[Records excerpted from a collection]
- - - - -
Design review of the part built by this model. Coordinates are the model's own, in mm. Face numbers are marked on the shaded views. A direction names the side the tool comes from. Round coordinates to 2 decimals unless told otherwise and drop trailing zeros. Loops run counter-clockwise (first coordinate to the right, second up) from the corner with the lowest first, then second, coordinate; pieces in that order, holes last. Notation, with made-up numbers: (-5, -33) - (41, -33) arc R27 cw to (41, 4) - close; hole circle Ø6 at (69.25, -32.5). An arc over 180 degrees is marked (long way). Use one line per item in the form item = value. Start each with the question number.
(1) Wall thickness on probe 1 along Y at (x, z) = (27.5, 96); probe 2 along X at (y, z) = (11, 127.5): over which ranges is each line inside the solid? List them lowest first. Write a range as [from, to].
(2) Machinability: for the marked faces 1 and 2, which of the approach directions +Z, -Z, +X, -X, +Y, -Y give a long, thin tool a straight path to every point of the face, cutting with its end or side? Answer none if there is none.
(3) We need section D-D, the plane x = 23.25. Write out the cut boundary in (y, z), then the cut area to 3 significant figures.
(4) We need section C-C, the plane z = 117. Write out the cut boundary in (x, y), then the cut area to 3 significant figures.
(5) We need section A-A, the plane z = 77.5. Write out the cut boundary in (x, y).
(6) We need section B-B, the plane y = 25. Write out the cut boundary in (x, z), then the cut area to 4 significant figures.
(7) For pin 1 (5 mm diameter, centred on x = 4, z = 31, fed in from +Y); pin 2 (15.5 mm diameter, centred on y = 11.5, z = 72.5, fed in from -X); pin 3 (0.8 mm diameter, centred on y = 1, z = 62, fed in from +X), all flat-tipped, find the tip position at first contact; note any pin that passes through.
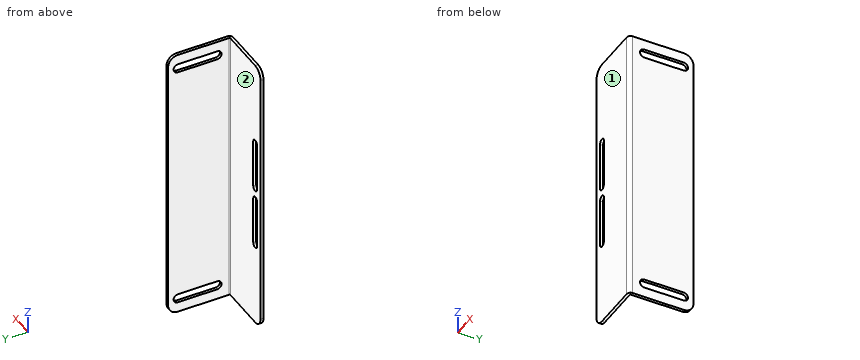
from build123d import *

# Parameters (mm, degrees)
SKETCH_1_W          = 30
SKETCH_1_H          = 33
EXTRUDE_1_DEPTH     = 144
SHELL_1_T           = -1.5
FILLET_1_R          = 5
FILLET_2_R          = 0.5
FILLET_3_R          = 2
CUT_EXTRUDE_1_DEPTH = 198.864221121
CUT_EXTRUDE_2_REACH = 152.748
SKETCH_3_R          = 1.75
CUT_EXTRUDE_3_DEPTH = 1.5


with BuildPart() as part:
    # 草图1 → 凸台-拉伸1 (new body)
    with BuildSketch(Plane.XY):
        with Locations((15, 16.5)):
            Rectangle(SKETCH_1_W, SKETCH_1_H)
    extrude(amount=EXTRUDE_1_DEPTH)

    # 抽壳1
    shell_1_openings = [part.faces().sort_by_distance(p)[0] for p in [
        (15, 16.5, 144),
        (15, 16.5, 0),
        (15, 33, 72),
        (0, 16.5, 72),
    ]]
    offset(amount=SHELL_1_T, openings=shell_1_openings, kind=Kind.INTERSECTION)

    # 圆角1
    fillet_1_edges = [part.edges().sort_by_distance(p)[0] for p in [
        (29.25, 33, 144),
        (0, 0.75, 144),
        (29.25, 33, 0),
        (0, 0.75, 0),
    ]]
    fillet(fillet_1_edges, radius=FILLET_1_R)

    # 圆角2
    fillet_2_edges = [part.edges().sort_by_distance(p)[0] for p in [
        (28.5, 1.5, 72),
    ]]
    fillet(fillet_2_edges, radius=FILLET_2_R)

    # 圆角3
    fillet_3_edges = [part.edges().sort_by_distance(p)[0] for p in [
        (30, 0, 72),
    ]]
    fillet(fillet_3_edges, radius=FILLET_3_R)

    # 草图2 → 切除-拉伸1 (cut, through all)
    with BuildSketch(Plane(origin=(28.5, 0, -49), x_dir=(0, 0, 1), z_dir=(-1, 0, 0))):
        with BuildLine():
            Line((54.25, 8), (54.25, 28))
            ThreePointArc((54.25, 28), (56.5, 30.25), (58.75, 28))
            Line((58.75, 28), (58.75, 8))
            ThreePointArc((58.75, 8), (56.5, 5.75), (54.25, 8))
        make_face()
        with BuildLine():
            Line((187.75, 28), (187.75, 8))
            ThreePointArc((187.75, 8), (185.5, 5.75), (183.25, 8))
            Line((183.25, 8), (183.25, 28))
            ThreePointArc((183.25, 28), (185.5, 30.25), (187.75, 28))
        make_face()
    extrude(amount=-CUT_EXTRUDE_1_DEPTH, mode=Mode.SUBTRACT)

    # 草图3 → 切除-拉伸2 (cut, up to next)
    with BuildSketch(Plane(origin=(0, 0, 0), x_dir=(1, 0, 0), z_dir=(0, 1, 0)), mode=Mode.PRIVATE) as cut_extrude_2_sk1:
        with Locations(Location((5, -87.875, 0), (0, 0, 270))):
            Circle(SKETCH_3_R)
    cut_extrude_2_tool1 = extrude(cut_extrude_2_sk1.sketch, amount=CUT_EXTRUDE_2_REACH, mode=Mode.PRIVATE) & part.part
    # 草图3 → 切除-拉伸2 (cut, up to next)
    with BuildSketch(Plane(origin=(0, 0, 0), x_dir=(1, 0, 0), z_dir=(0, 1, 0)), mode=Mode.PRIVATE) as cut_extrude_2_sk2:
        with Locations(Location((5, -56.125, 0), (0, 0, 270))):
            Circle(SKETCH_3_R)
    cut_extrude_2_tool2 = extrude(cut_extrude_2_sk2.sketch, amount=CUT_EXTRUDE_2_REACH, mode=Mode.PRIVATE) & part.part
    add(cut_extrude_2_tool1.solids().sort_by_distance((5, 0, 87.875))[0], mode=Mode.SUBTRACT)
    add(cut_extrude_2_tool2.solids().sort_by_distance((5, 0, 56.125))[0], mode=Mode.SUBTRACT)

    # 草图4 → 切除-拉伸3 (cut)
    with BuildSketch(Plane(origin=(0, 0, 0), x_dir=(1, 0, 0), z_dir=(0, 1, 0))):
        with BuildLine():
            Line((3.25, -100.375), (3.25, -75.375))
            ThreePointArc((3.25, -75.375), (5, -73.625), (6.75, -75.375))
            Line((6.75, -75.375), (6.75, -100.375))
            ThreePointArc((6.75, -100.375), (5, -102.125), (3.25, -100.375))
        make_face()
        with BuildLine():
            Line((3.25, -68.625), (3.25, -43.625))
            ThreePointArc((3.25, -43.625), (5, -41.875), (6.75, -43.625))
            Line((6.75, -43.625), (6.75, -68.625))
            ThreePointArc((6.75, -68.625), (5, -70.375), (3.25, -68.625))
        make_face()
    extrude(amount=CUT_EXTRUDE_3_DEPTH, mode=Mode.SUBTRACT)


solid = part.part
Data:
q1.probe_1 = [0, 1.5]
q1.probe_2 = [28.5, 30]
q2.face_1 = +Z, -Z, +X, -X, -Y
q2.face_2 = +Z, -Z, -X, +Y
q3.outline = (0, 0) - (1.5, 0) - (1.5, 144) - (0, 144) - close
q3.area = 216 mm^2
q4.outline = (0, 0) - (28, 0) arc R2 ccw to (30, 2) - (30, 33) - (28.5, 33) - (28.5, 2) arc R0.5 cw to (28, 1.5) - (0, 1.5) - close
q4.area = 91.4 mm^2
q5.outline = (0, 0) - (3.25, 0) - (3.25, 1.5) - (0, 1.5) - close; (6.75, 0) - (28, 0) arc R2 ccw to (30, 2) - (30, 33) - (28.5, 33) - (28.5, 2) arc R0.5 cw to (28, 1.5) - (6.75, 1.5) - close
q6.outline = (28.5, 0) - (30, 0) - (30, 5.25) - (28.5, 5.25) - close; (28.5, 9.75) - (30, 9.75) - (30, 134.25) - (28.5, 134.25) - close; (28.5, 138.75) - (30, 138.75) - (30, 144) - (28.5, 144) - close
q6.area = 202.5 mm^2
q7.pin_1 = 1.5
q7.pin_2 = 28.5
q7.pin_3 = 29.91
- - - - -
(To do): From the records above, retype only the lines starting at the line that contains "shell_1_openings = [part.faces().sort_by_distance(p)[0]" and ending at the line that contains "Line((183.25, 8), (183.25, 28))", both included.

(Answer to this task):
    shell_1_openings = [part.faces().sort_by_distance(p)[0] for p in [
        (15, 16.5, 144),
        (15, 16.5, 0),
        (15, 33, 72),
        (0, 16.5, 72),
    ]]
    offset(amount=SHELL_1_T, openings=shell_1_openings, kind=Kind.INTERSECTION)

    # 圆角1
    fillet_1_edges = [part.edges().sort_by_distance(p)[0] for p in [
        (29.25, 33, 144),
        (0, 0.75, 144),
        (29.25, 33, 0),
        (0, 0.75, 0),
    ]]
    fillet(fillet_1_edges, radius=FILLET_1_R)

    # 圆角2
    fillet_2_edges = [part.edges().sort_by_distance(p)[0] for p in [
        (28.5, 1.5, 72),
    ]]
    fillet(fillet_2_edges, radius=FILLET_2_R)

    # 圆角3
    fillet_3_edges = [part.edges().sort_by_distance(p)[0] for p in [
        (30, 0, 72),
    ]]
    fillet(fillet_3_edges, radius=FILLET_3_R)

    # 草图2 → 切除-拉伸1 (cut, through all)
    with BuildSketch(Plane(origin=(28.5, 0, -49), x_dir=(0, 0, 1), z_dir=(-1, 0, 0))):
        with BuildLine():
            Line((54.25, 8), (54.25, 28))
            ThreePointArc((54.25, 28), (56.5, 30.25), (58.75, 28))
            Line((58.75, 28), (58.75, 8))
            ThreePointArc((58.75, 8), (56.5, 5.75), (54.25, 8))
        make_face()
        with BuildLine():
            Line((187.75, 28), (187.75, 8))
            ThreePointArc((187.75, 8), (185.5, 5.75), (183.25, 8))
            Line((183.25, 8), (183.25, 28))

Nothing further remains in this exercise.